**PROBLEM**
Search the material for the word "fill" and copy every line in which it occurs.
*** LISTED ENTRIES Section Begins ***
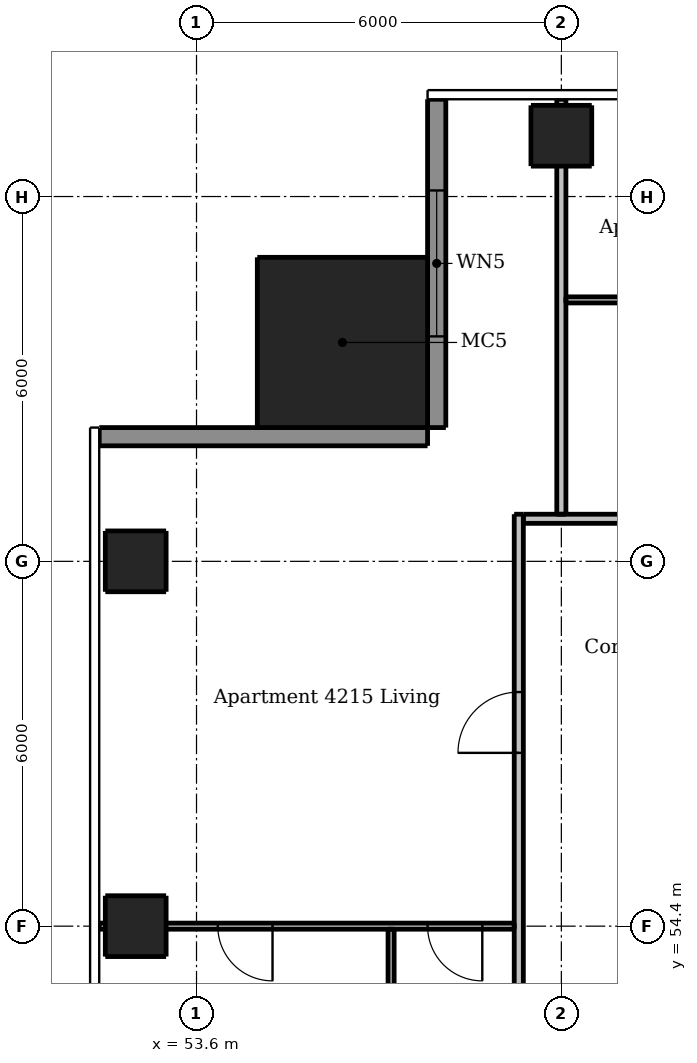
"""IFC4 building model, lengths in metres.
Left out: names, types, materials, properties, quantities, classifications, styles, units other than length and angle.
Written with IfcOpenShell. Run it as: python <this file> out.ifc"""

import sys

from ifc_helpers import new_model, si_unit, direction, frame, frame_2d, origin, origin_2d, place, context, subcontext, project, spatial, rectangle, extrude, element, fill, save


model = new_model("IFC4")
c1 = context("Model", 3, precision=1e-05, world=origin(), true_north=direction((0.0, 1.0)))
c2 = subcontext(c1, "Body", "Model", "MODEL_VIEW")
j1 = project(units=[si_unit("LENGTHUNIT", "METRE"), si_unit("PLANEANGLEUNIT", "RADIAN")], contexts=[c1])
p1 = place(None, origin())
s1 = spatial("IfcSite", under=j1, at=p1, CompositionType="ELEMENT")
p2 = place(p1, origin())
s2 = spatial("IfcBuilding", under=s1, at=p2, CompositionType="ELEMENT")
p3 = place(p2, frame((0.0, 0.0, 158.2)))
s3 = spatial("IfcBuildingStorey", under=s2, at=p3, CompositionType="ELEMENT", Elevation=158.2)
for number, where, z_axis, x_axis in (
    (1, (59.6, 67.4, 0.0), (0.0, 0.0, 1.0), (1.0, 0.0, 0.0)),
    (2, (52.6, 54.4, 0.0), (0.0, 0.0, 1.0), (1.0, 0.0, 0.0)),
    (3, (52.6, 60.4, 0.0), (0.0, 0.0, 1.0), (1.0, 0.0, 0.0)),
):
    element("IfcColumn", number, at=place(p3, frame(where, z_axis=z_axis, x_axis=x_axis)), inside=s3, PredefinedType="COLUMN", context=c2, shape_type="SweptSolid", body=[
        extrude(rectangle(XDim=1.0, YDim=1.0, at=origin_2d()), origin(), (0.0, 0.0, 1.0), 3.05),
    ])
p4 = place(p3, frame((56.0, 64.0, 0.0), z_axis=(0.0, 0.0, 1.0), x_axis=(1.0, 0.0, 0.0)))
e4 = element("IfcColumn", 4, at=p4, inside=s3, PredefinedType="COLUMN", context=c2, shape_type="SweptSolid", body=[
    extrude(rectangle(XDim=2.8, YDim=2.8, at=origin_2d()), origin(), (0.0, 0.0, 1.0), 3.3),
])
p5 = place(p3, frame((57.55, 68.0, 0.0), z_axis=(0.0, 0.0, 1.0), x_axis=(0.0, -1.0, 0.0)))
e5 = element("IfcWall", 5, at=p5, inside=s3, PredefinedType="SOLIDWALL", context=c2, shape_type="SweptSolid", body=[
    extrude(rectangle(XDim=5.4, YDim=0.3, at=frame_2d((2.7, 0.0))), origin(), (0.0, 0.0, 1.0), 3.05),
])
p6 = place(p5, frame((1.5, 0.0, 0.15)))
e6 = element("IfcOpeningElement", 6, at=p6, cuts=e5, PredefinedType="OPENING", context=c2, shape_type="SweptSolid", body=[
    extrude(rectangle(XDim=2.4, YDim=2.1, at=frame_2d((1.2, 1.05))), frame((0.0, 0.16, 0.0), z_axis=(0.0, -1.0, 0.0), x_axis=(1.0, 0.0, 0.0)), (0.0, 0.0, 1.0), 0.32),
])
p7 = place(p3, frame((57.4, 62.45, 0.0), z_axis=(0.0, 0.0, 1.0), x_axis=(-1.0, 0.0, 0.0)))
e7 = element("IfcWall", 7, at=p7, inside=s3, PredefinedType="SOLIDWALL", context=c2, shape_type="SweptSolid", body=[
    extrude(rectangle(XDim=5.4, YDim=0.3, at=frame_2d((2.7, 0.0))), origin(), (0.0, 0.0, 1.0), 3.05),
])
p8 = place(p3, frame((56.8, 54.35, 0.0), z_axis=(0.0, 0.0, 1.0), x_axis=(0.0, -1.0, 0.0)))
e8 = element("IfcWall", 8, at=p8, inside=s3, PredefinedType="PARTITIONING", context=c2, shape_type="SweptSolid", body=[
    extrude(rectangle(XDim=5.875, YDim=0.1, at=frame_2d((2.938, 0.0))), origin(), (0.0, 0.0, 1.0), 3.05),
])
p9 = place(p8, frame((3.75, 0.0, 0.0)))
e9 = element("IfcOpeningElement", 9, at=p9, cuts=e8, PredefinedType="OPENING", context=c2, shape_type="SweptSolid", body=[
    extrude(rectangle(XDim=0.8, YDim=2.1, at=frame_2d((0.4, 1.05))), frame((0.0, 0.06, 0.0), z_axis=(0.0, -1.0, 0.0), x_axis=(1.0, 0.0, 0.0)), (0.0, 0.0, 1.0), 0.12),
])
p10 = place(p3, frame((59.675, 64.7, 0.0), z_axis=(0.0, 0.0, 1.0), x_axis=(1.0, 0.0, 0.0)))
e10 = element("IfcWall", 10, at=p10, inside=s3, PredefinedType="PARTITIONING", context=c2, shape_type="SweptSolid", body=[
    extrude(rectangle(XDim=1.975, YDim=0.1, at=frame_2d((0.987, 0.0))), origin(), (0.0, 0.0, 1.0), 3.05),
])
p11 = place(p3, frame((58.825, 54.4, 0.0), z_axis=(0.0, 0.0, 1.0), x_axis=(-1.0, 0.0, 0.0)))
e11 = element("IfcWall", 11, at=p11, inside=s3, PredefinedType="PARTITIONING", context=c2, shape_type="SweptSolid", body=[
    extrude(rectangle(XDim=6.825, YDim=0.1, at=frame_2d((3.413, 0.0))), origin(), (0.0, 0.0, 1.0), 2.516),
])
p12 = place(p11, frame((0.525, 0.0, 0.0)))
e12 = element("IfcOpeningElement", 12, at=p12, cuts=e11, PredefinedType="OPENING", context=c2, shape_type="SweptSolid", body=[
    extrude(rectangle(XDim=0.9, YDim=2.1, at=frame_2d((0.45, 1.05))), frame((0.0, 0.06, 0.0), z_axis=(0.0, -1.0, 0.0), x_axis=(1.0, 0.0, 0.0)), (0.0, 0.0, 1.0), 0.12),
])
p13 = place(p11, frame((3.975, 0.0, 0.0)))
e13 = element("IfcOpeningElement", 13, at=p13, cuts=e11, PredefinedType="OPENING", context=c2, shape_type="SweptSolid", body=[
    extrude(rectangle(XDim=0.9, YDim=2.1, at=frame_2d((0.45, 1.05))), frame((0.0, 0.06, 0.0), z_axis=(0.0, -1.0, 0.0), x_axis=(1.0, 0.0, 0.0)), (0.0, 0.0, 1.0), 0.12),
])
p14 = place(p3, frame((58.9, 30.325, 0.0), z_axis=(0.0, 0.0, 1.0), x_axis=(0.0, 1.0, 0.0)))
e14 = element("IfcWall", 14, at=p14, inside=s3, PredefinedType="PARTITIONING", context=c2, shape_type="SweptSolid", body=[
    extrude(rectangle(XDim=30.85, YDim=0.15, at=frame_2d((15.425, 0.0))), origin(), (0.0, 0.0, 1.0), 3.05),
])
p15 = place(p14, frame((2.575, 0.0, 0.0)))
e15 = element("IfcOpeningElement", 15, at=p15, cuts=e14, PredefinedType="OPENING", context=c2, shape_type="SweptSolid", body=[
    extrude(rectangle(XDim=1.0, YDim=2.1, at=frame_2d((0.5, 1.05))), frame((0.0, 0.085, 0.0), z_axis=(0.0, -1.0, 0.0), x_axis=(1.0, 0.0, 0.0)), (0.0, 0.0, 1.0), 0.17),
])
p16 = place(p14, frame((8.575, 0.0, 0.0)))
e16 = element("IfcOpeningElement", 16, at=p16, cuts=e14, PredefinedType="OPENING", context=c2, shape_type="SweptSolid", body=[
    extrude(rectangle(XDim=1.0, YDim=2.1, at=frame_2d((0.5, 1.05))), frame((0.0, 0.085, 0.0), z_axis=(0.0, -1.0, 0.0), x_axis=(1.0, 0.0, 0.0)), (0.0, 0.0, 1.0), 0.17),
])
p17 = place(p14, frame((14.575, 0.0, 0.0)))
e17 = element("IfcOpeningElement", 17, at=p17, cuts=e14, PredefinedType="OPENING", context=c2, shape_type="SweptSolid", body=[
    extrude(rectangle(XDim=1.0, YDim=2.1, at=frame_2d((0.5, 1.05))), frame((0.0, 0.085, 0.0), z_axis=(0.0, -1.0, 0.0), x_axis=(1.0, 0.0, 0.0)), (0.0, 0.0, 1.0), 0.17),
])
p18 = place(p14, frame((26.925, 0.0, 0.0)))
e18 = element("IfcOpeningElement", 18, at=p18, cuts=e14, PredefinedType="OPENING", context=c2, shape_type="SweptSolid", body=[
    extrude(rectangle(XDim=1.0, YDim=2.1, at=frame_2d((0.5, 1.05))), frame((0.0, 0.085, 0.0), z_axis=(0.0, -1.0, 0.0), x_axis=(1.0, 0.0, 0.0)), (0.0, 0.0, 1.0), 0.17),
])
p19 = place(p3, frame((59.6, 61.175, 0.0), z_axis=(0.0, 0.0, 1.0), x_axis=(0.0, 1.0, 0.0)))
e19 = element("IfcWall", 19, at=p19, inside=s3, PredefinedType="PARTITIONING", context=c2, shape_type="SweptSolid", body=[
    extrude(rectangle(XDim=6.825, YDim=0.15, at=frame_2d((3.413, 0.0))), origin(), (0.0, 0.0, 1.0), 2.51),
])
p20 = place(p3, frame((58.975, 61.1, 0.0), z_axis=(0.0, 0.0, 1.0), x_axis=(1.0, 0.0, 0.0)))
e20 = element("IfcWall", 20, at=p20, inside=s3, PredefinedType="PARTITIONING", context=c2, shape_type="SweptSolid", body=[
    extrude(rectangle(XDim=29.25, YDim=0.15, at=frame_2d((14.625, 0.0))), origin(), (0.0, 0.0, 1.0), 3.05),
])
p21 = place(p20, frame((3.125, 0.0, 0.0)))
e21 = element("IfcOpeningElement", 21, at=p21, cuts=e20, PredefinedType="OPENING", context=c2, shape_type="SweptSolid", body=[
    extrude(rectangle(XDim=1.0, YDim=2.1, at=frame_2d((0.5, 1.05))), frame((0.0, 0.085, 0.0), z_axis=(0.0, -1.0, 0.0), x_axis=(1.0, 0.0, 0.0)), (0.0, 0.0, 1.0), 0.17),
])
p22 = place(p20, frame((9.125, 0.0, 0.0)))
e22 = element("IfcOpeningElement", 22, at=p22, cuts=e20, PredefinedType="OPENING", context=c2, shape_type="SweptSolid", body=[
    extrude(rectangle(XDim=1.0, YDim=2.1, at=frame_2d((0.5, 1.05))), frame((0.0, 0.085, 0.0), z_axis=(0.0, -1.0, 0.0), x_axis=(1.0, 0.0, 0.0)), (0.0, 0.0, 1.0), 0.17),
])
p23 = place(p20, frame((15.125, 0.0, 0.0)))
e23 = element("IfcOpeningElement", 23, at=p23, cuts=e20, PredefinedType="OPENING", context=c2, shape_type="SweptSolid", body=[
    extrude(rectangle(XDim=1.0, YDim=2.1, at=frame_2d((0.5, 1.05))), frame((0.0, 0.085, 0.0), z_axis=(0.0, -1.0, 0.0), x_axis=(1.0, 0.0, 0.0)), (0.0, 0.0, 1.0), 0.17),
])
p24 = place(p20, frame((26.475, 0.0, 0.0)))
e24 = element("IfcOpeningElement", 24, at=p24, cuts=e20, PredefinedType="OPENING", context=c2, shape_type="SweptSolid", body=[
    extrude(rectangle(XDim=1.0, YDim=2.1, at=frame_2d((0.5, 1.05))), frame((0.0, 0.085, 0.0), z_axis=(0.0, -1.0, 0.0), x_axis=(1.0, 0.0, 0.0)), (0.0, 0.0, 1.0), 0.17),
])
p25 = place(p6, origin())
e25 = element("IfcWindow", 25, at=p25, inside=s3, PartitioningType="DOUBLE_PANEL_VERTICAL", PredefinedType="WINDOW", context=c2, shape_type="SweptSolid", body=[
    extrude(rectangle(XDim=2.4, YDim=2.1, at=frame_2d((1.2, 1.05))), frame((0.0, 0.03, 0.0), z_axis=(0.0, -1.0, 0.0), x_axis=(1.0, 0.0, 0.0)), (0.0, 0.0, 1.0), 0.06),
])
fill(e6, e25)
p26 = place(p18, origin())
e26 = element("IfcDoor", 26, at=p26, inside=s3, OperationType="SINGLE_SWING_LEFT", PredefinedType="DOOR", context=c2, shape_type="SweptSolid", body=[
    extrude(rectangle(XDim=1.0, YDim=2.1, at=frame_2d((0.5, 1.05))), frame((0.0, 0.025, 0.0), z_axis=(0.0, -1.0, 0.0), x_axis=(1.0, 0.0, 0.0)), (0.0, 0.0, 1.0), 0.05),
])
fill(e18, e26)
p27 = place(p12, origin())
e27 = element("IfcDoor", 27, at=p27, inside=s3, OperationType="SINGLE_SWING_LEFT", PredefinedType="DOOR", context=c2, shape_type="SweptSolid", body=[
    extrude(rectangle(XDim=0.9, YDim=2.1, at=frame_2d((0.45, 1.05))), frame((0.0, 0.025, 0.0), z_axis=(0.0, -1.0, 0.0), x_axis=(1.0, 0.0, 0.0)), (0.0, 0.0, 1.0), 0.05),
])
fill(e12, e27)
p28 = place(p13, origin())
e28 = element("IfcDoor", 28, at=p28, inside=s3, OperationType="SINGLE_SWING_LEFT", PredefinedType="DOOR", context=c2, shape_type="SweptSolid", body=[
    extrude(rectangle(XDim=0.9, YDim=2.1, at=frame_2d((0.45, 1.05))), frame((0.0, 0.025, 0.0), z_axis=(0.0, -1.0, 0.0), x_axis=(1.0, 0.0, 0.0)), (0.0, 0.0, 1.0), 0.05),
])
fill(e13, e28)
save(model, sys.argv[1])
*** LISTED ENTRIES Section Ends ***
**EXERCISE RESPONSE**
from ifc_helpers import new_model, si_unit, direction, frame, frame_2d, origin, origin_2d, place, context, subcontext, project, spatial, rectangle, extrude, element, fill, save
fill(e6, e25)
fill(e18, e26)
fill(e12, e27)
fill(e13, e28)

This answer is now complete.